ABOUT THIS EXERCISE
Return all the lines below in which the string "CompositionType" appears.

DATA RECORDS
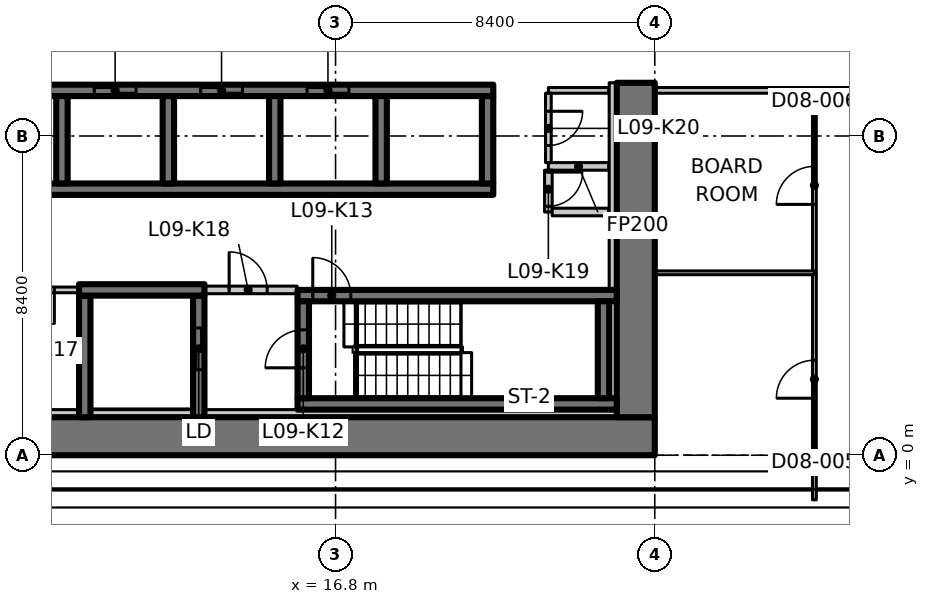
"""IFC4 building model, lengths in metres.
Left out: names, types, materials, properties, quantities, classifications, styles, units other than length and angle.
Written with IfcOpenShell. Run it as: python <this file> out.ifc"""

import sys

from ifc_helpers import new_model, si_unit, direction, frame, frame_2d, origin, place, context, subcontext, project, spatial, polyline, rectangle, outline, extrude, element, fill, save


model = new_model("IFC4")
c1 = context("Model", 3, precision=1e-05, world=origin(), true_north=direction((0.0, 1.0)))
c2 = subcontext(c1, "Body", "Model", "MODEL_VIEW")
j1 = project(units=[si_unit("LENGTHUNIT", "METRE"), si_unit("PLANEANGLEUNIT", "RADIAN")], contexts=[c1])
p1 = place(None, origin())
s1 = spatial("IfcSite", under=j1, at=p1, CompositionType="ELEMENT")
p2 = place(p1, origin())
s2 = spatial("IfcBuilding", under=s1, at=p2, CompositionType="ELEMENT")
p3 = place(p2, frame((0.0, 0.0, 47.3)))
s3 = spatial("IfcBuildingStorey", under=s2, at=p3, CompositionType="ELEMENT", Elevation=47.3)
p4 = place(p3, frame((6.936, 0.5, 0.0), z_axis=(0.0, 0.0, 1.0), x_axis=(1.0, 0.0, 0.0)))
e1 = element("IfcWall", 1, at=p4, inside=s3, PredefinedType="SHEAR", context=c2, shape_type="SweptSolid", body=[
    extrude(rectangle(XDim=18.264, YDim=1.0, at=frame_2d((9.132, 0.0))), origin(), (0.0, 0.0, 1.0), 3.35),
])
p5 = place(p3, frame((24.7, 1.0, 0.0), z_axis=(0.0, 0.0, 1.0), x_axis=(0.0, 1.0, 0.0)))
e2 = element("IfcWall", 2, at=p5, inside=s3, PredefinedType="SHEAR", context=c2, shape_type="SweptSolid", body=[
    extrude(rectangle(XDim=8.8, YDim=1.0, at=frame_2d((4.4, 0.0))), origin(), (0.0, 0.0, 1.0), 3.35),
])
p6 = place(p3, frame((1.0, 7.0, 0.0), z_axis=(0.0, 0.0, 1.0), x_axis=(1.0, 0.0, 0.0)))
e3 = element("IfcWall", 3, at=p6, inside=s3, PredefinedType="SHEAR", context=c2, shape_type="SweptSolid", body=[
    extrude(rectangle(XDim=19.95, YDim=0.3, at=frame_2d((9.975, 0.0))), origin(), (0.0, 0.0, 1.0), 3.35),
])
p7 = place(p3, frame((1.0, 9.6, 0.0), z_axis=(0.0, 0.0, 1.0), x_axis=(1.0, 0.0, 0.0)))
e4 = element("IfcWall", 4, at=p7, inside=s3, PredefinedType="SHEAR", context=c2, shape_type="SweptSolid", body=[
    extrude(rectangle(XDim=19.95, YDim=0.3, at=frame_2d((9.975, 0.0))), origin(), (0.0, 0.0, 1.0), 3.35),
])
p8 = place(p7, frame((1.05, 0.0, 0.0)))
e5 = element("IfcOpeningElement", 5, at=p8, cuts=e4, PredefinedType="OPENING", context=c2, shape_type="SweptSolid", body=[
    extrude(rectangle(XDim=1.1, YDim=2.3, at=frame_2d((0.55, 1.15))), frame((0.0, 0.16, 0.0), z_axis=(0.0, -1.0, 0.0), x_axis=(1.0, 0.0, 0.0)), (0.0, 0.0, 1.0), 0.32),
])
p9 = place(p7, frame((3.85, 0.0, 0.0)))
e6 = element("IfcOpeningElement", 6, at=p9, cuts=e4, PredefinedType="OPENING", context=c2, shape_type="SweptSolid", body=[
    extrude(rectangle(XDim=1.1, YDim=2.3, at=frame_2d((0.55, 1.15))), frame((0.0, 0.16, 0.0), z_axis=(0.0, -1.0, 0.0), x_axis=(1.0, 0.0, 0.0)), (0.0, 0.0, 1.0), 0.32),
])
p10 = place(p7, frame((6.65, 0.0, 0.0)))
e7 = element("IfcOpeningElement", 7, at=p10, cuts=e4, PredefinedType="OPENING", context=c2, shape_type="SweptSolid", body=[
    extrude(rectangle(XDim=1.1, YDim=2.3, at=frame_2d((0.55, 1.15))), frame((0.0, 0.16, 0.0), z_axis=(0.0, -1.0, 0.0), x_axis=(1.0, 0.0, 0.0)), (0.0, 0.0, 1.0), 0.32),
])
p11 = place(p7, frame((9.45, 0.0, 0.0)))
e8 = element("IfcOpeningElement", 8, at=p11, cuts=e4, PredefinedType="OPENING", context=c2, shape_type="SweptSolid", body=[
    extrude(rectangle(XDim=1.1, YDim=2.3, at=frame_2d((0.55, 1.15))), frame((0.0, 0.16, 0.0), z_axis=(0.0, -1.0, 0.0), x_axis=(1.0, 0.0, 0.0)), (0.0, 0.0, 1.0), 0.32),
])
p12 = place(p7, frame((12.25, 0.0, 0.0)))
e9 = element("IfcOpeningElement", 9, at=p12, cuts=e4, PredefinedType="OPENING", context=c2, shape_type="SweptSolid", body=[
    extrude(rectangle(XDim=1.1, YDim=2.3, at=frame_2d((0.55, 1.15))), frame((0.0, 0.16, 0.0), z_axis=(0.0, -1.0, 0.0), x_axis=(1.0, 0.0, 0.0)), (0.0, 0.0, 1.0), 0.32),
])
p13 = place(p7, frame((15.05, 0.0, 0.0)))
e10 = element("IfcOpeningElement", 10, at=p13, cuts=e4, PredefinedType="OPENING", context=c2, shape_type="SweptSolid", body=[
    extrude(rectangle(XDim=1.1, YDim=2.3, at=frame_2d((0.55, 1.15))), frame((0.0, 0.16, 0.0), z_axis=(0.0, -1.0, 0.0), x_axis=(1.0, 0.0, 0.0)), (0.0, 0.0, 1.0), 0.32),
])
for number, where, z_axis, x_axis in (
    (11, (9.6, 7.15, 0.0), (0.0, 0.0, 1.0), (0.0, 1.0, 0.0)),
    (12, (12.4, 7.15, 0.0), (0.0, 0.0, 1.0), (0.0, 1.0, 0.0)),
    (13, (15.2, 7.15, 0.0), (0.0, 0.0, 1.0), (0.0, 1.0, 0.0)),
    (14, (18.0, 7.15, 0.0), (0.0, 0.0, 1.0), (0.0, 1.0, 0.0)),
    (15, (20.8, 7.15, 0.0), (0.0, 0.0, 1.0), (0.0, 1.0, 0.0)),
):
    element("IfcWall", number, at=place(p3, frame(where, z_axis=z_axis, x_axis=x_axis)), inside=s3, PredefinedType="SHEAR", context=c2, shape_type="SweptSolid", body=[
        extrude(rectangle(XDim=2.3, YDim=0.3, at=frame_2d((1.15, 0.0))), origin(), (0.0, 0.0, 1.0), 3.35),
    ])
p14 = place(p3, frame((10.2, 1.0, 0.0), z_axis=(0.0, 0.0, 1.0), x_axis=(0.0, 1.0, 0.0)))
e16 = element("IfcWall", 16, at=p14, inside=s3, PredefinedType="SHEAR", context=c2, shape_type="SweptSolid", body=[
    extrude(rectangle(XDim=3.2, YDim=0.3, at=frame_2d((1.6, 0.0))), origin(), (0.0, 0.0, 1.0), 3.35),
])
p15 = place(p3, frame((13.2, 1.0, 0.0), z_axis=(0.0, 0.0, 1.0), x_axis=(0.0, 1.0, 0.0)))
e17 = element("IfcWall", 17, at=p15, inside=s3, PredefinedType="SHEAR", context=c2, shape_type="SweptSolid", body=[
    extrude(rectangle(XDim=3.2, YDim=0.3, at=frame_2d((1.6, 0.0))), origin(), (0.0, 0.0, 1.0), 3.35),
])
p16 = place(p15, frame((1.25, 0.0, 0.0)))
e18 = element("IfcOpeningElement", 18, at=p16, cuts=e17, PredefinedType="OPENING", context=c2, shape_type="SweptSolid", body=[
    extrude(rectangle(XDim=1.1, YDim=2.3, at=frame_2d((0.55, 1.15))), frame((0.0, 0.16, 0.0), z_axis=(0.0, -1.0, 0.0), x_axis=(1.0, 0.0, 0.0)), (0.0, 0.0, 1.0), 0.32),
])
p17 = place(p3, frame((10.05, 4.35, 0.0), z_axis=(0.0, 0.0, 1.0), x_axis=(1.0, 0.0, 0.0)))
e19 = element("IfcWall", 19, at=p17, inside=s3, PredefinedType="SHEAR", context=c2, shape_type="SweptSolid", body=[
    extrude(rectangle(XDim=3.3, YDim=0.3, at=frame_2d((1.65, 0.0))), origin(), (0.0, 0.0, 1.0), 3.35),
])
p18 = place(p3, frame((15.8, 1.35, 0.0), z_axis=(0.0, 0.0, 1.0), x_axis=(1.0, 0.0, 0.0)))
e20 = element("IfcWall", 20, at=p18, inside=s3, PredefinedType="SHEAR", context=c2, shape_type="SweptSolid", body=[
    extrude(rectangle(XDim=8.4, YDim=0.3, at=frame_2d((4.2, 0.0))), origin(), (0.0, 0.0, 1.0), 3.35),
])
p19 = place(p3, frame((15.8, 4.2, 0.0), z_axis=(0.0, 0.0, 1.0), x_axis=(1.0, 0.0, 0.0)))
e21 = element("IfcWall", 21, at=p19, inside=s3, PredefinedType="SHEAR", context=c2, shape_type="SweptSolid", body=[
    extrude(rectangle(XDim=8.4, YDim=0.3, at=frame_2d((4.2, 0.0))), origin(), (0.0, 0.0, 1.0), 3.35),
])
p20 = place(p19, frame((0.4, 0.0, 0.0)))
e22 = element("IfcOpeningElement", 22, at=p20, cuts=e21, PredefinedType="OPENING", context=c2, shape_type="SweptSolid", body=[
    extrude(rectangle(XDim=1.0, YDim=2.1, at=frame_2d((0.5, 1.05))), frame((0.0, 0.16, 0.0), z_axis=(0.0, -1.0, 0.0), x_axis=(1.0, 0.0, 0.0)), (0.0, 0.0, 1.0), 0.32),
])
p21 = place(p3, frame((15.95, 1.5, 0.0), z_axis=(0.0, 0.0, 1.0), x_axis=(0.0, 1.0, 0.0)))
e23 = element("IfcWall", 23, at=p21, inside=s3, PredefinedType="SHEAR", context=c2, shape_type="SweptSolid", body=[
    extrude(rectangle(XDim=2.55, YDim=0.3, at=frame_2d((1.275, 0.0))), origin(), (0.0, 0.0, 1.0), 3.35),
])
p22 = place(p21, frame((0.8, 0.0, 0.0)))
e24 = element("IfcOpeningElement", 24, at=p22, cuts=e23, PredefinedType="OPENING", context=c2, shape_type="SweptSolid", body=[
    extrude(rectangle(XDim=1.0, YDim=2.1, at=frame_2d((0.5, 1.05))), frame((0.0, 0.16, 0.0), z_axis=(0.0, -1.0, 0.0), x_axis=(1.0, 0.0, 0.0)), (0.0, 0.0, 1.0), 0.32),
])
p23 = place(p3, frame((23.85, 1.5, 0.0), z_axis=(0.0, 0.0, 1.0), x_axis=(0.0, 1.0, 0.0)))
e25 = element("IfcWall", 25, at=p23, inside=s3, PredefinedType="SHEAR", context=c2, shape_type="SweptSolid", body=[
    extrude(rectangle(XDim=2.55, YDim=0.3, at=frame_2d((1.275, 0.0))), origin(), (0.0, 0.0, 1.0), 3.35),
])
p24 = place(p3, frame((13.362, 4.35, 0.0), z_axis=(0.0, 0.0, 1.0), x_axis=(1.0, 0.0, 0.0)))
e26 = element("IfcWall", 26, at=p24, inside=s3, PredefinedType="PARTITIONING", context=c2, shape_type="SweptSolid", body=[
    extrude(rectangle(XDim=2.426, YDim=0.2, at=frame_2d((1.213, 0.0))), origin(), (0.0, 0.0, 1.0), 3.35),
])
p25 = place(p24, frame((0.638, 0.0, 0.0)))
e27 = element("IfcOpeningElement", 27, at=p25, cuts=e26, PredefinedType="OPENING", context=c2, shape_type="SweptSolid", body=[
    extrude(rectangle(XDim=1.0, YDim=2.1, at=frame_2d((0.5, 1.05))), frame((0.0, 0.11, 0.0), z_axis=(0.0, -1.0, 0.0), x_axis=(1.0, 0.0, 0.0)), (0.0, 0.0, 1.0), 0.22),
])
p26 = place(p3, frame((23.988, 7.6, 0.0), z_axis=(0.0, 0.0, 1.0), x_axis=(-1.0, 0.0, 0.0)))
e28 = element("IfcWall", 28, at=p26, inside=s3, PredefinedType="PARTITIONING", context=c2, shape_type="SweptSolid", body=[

RESPONSE TO THIS TASK
s1 = spatial("IfcSite", under=j1, at=p1, CompositionType="ELEMENT")
s2 = spatial("IfcBuilding", under=s1, at=p2, CompositionType="ELEMENT")
s3 = spatial("IfcBuildingStorey", under=s2, at=p3, CompositionType="ELEMENT", Elevation=47.3)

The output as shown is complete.